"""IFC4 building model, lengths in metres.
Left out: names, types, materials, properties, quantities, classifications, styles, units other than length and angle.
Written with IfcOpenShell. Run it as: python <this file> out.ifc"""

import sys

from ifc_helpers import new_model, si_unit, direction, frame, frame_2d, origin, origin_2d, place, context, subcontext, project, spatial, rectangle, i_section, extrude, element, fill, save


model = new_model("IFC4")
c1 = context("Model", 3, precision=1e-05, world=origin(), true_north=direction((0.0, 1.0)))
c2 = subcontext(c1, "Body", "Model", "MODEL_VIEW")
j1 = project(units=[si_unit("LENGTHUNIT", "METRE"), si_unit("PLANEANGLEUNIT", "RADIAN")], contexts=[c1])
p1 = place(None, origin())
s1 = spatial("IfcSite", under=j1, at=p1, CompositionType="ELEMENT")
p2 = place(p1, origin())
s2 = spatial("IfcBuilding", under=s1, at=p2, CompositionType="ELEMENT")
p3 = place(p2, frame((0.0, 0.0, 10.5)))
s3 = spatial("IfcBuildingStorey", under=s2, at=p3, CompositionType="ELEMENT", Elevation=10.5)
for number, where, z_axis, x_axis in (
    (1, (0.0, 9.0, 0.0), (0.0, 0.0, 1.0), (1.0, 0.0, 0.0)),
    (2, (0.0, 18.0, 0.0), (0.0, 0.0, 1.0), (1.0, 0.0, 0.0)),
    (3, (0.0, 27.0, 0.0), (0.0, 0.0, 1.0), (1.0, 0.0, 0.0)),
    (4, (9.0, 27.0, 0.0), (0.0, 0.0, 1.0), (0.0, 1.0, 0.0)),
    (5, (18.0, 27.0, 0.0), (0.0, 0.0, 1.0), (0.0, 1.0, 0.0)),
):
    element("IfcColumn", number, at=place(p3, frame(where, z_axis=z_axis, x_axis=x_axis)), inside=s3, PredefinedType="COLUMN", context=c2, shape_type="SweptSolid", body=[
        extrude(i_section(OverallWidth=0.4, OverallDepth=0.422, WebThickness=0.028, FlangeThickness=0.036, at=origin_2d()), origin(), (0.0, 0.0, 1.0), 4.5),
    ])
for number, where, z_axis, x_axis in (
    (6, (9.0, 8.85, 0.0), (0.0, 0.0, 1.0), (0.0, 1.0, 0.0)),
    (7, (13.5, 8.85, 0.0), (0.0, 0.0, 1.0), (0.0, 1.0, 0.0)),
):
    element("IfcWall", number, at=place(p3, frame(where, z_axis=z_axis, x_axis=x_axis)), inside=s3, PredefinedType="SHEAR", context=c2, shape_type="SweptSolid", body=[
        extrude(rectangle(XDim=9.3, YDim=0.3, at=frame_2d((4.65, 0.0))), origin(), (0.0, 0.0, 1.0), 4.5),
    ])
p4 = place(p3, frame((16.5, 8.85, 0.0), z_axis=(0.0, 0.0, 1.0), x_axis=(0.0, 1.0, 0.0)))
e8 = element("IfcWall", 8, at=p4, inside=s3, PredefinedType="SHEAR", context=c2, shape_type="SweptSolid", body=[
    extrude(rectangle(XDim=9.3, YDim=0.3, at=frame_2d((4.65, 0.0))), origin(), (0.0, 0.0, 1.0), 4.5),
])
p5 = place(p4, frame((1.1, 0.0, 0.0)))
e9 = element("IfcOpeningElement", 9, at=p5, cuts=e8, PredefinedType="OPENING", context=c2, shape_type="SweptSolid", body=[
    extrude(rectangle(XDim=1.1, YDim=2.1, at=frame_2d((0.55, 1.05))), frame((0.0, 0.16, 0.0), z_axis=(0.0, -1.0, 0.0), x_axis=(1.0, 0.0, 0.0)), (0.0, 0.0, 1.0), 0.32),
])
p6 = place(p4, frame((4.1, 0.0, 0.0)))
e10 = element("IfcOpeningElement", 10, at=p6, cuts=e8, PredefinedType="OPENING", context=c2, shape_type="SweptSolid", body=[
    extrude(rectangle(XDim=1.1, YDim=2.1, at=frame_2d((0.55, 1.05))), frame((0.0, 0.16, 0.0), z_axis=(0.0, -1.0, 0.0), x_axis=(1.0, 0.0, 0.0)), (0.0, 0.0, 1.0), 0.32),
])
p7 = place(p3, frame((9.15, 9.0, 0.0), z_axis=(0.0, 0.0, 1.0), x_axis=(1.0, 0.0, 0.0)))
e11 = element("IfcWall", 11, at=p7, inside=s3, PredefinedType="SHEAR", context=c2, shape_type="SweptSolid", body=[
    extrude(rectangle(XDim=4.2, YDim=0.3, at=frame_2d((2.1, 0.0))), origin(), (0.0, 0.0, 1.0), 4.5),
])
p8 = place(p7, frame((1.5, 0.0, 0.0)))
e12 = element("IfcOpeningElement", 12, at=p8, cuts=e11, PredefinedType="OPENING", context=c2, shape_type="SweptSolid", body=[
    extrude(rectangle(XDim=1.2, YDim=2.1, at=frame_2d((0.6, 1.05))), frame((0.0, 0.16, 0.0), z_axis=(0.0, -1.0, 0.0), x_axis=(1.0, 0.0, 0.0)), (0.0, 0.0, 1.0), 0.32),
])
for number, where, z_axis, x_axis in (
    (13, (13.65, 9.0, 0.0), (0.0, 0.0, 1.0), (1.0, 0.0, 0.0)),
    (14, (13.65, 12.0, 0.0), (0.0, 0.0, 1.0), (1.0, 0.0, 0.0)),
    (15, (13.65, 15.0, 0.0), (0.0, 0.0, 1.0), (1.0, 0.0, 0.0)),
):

────

Task goal: All of the data is to be written out again, word for word.

Result:
"""IFC4 building model, lengths in metres.
Left out: names, types, materials, properties, quantities, classifications, styles, units other than length and angle.
Written with IfcOpenShell. Run it as: python <this file> out.ifc"""

import sys

from ifc_helpers import new_model, si_unit, direction, frame, frame_2d, origin, origin_2d, place, context, subcontext, project, spatial, rectangle, i_section, extrude, element, fill, save


model = new_model("IFC4")
c1 = context("Model", 3, precision=1e-05, world=origin(), true_north=direction((0.0, 1.0)))
c2 = subcontext(c1, "Body", "Model", "MODEL_VIEW")
j1 = project(units=[si_unit("LENGTHUNIT", "METRE"), si_unit("PLANEANGLEUNIT", "RADIAN")], contexts=[c1])
p1 = place(None, origin())
s1 = spatial("IfcSite", under=j1, at=p1, CompositionType="ELEMENT")
p2 = place(p1, origin())
s2 = spatial("IfcBuilding", under=s1, at=p2, CompositionType="ELEMENT")
p3 = place(p2, frame((0.0, 0.0, 10.5)))
s3 = spatial("IfcBuildingStorey", under=s2, at=p3, CompositionType="ELEMENT", Elevation=10.5)
for number, where, z_axis, x_axis in (
    (1, (0.0, 9.0, 0.0), (0.0, 0.0, 1.0), (1.0, 0.0, 0.0)),
    (2, (0.0, 18.0, 0.0), (0.0, 0.0, 1.0), (1.0, 0.0, 0.0)),
    (3, (0.0, 27.0, 0.0), (0.0, 0.0, 1.0), (1.0, 0.0, 0.0)),
    (4, (9.0, 27.0, 0.0), (0.0, 0.0, 1.0), (0.0, 1.0, 0.0)),
    (5, (18.0, 27.0, 0.0), (0.0, 0.0, 1.0), (0.0, 1.0, 0.0)),
):
    element("IfcColumn", number, at=place(p3, frame(where, z_axis=z_axis, x_axis=x_axis)), inside=s3, PredefinedType="COLUMN", context=c2, shape_type="SweptSolid", body=[
        extrude(i_section(OverallWidth=0.4, OverallDepth=0.422, WebThickness=0.028, FlangeThickness=0.036, at=origin_2d()), origin(), (0.0, 0.0, 1.0), 4.5),
    ])
for number, where, z_axis, x_axis in (
    (6, (9.0, 8.85, 0.0), (0.0, 0.0, 1.0), (0.0, 1.0, 0.0)),
    (7, (13.5, 8.85, 0.0), (0.0, 0.0, 1.0), (0.0, 1.0, 0.0)),
):
    element("IfcWall", number, at=place(p3, frame(where, z_axis=z_axis, x_axis=x_axis)), inside=s3, PredefinedType="SHEAR", context=c2, shape_type="SweptSolid", body=[
        extrude(rectangle(XDim=9.3, YDim=0.3, at=frame_2d((4.65, 0.0))), origin(), (0.0, 0.0, 1.0), 4.5),
    ])
p4 = place(p3, frame((16.5, 8.85, 0.0), z_axis=(0.0, 0.0, 1.0), x_axis=(0.0, 1.0, 0.0)))
e8 = element("IfcWall", 8, at=p4, inside=s3, PredefinedType="SHEAR", context=c2, shape_type="SweptSolid", body=[
    extrude(rectangle(XDim=9.3, YDim=0.3, at=frame_2d((4.65, 0.0))), origin(), (0.0, 0.0, 1.0), 4.5),
])
p5 = place(p4, frame((1.1, 0.0, 0.0)))
e9 = element("IfcOpeningElement", 9, at=p5, cuts=e8, PredefinedType="OPENING", context=c2, shape_type="SweptSolid", body=[
    extrude(rectangle(XDim=1.1, YDim=2.1, at=frame_2d((0.55, 1.05))), frame((0.0, 0.16, 0.0), z_axis=(0.0, -1.0, 0.0), x_axis=(1.0, 0.0, 0.0)), (0.0, 0.0, 1.0), 0.32),
])
p6 = place(p4, frame((4.1, 0.0, 0.0)))
e10 = element("IfcOpeningElement", 10, at=p6, cuts=e8, PredefinedType="OPENING", context=c2, shape_type="SweptSolid", body=[
    extrude(rectangle(XDim=1.1, YDim=2.1, at=frame_2d((0.55, 1.05))), frame((0.0, 0.16, 0.0), z_axis=(0.0, -1.0, 0.0), x_axis=(1.0, 0.0, 0.0)), (0.0, 0.0, 1.0), 0.32),
])
p7 = place(p3, frame((9.15, 9.0, 0.0), z_axis=(0.0, 0.0, 1.0), x_axis=(1.0, 0.0, 0.0)))
e11 = element("IfcWall", 11, at=p7, inside=s3, PredefinedType="SHEAR", context=c2, shape_type="SweptSolid", body=[
    extrude(rectangle(XDim=4.2, YDim=0.3, at=frame_2d((2.1, 0.0))), origin(), (0.0, 0.0, 1.0), 4.5),
])
p8 = place(p7, frame((1.5, 0.0, 0.0)))
e12 = element("IfcOpeningElement", 12, at=p8, cuts=e11, PredefinedType="OPENING", context=c2, shape_type="SweptSolid", body=[
    extrude(rectangle(XDim=1.2, YDim=2.1, at=frame_2d((0.6, 1.05))), frame((0.0, 0.16, 0.0), z_axis=(0.0, -1.0, 0.0), x_axis=(1.0, 0.0, 0.0)), (0.0, 0.0, 1.0), 0.32),
])
for number, where, z_axis, x_axis in (
    (13, (13.65, 9.0, 0.0), (0.0, 0.0, 1.0), (1.0, 0.0, 0.0)),
    (14, (13.65, 12.0, 0.0), (0.0, 0.0, 1.0), (1.0, 0.0, 0.0)),
    (15, (13.65, 15.0, 0.0), (0.0, 0.0, 1.0), (1.0, 0.0, 0.0)),
):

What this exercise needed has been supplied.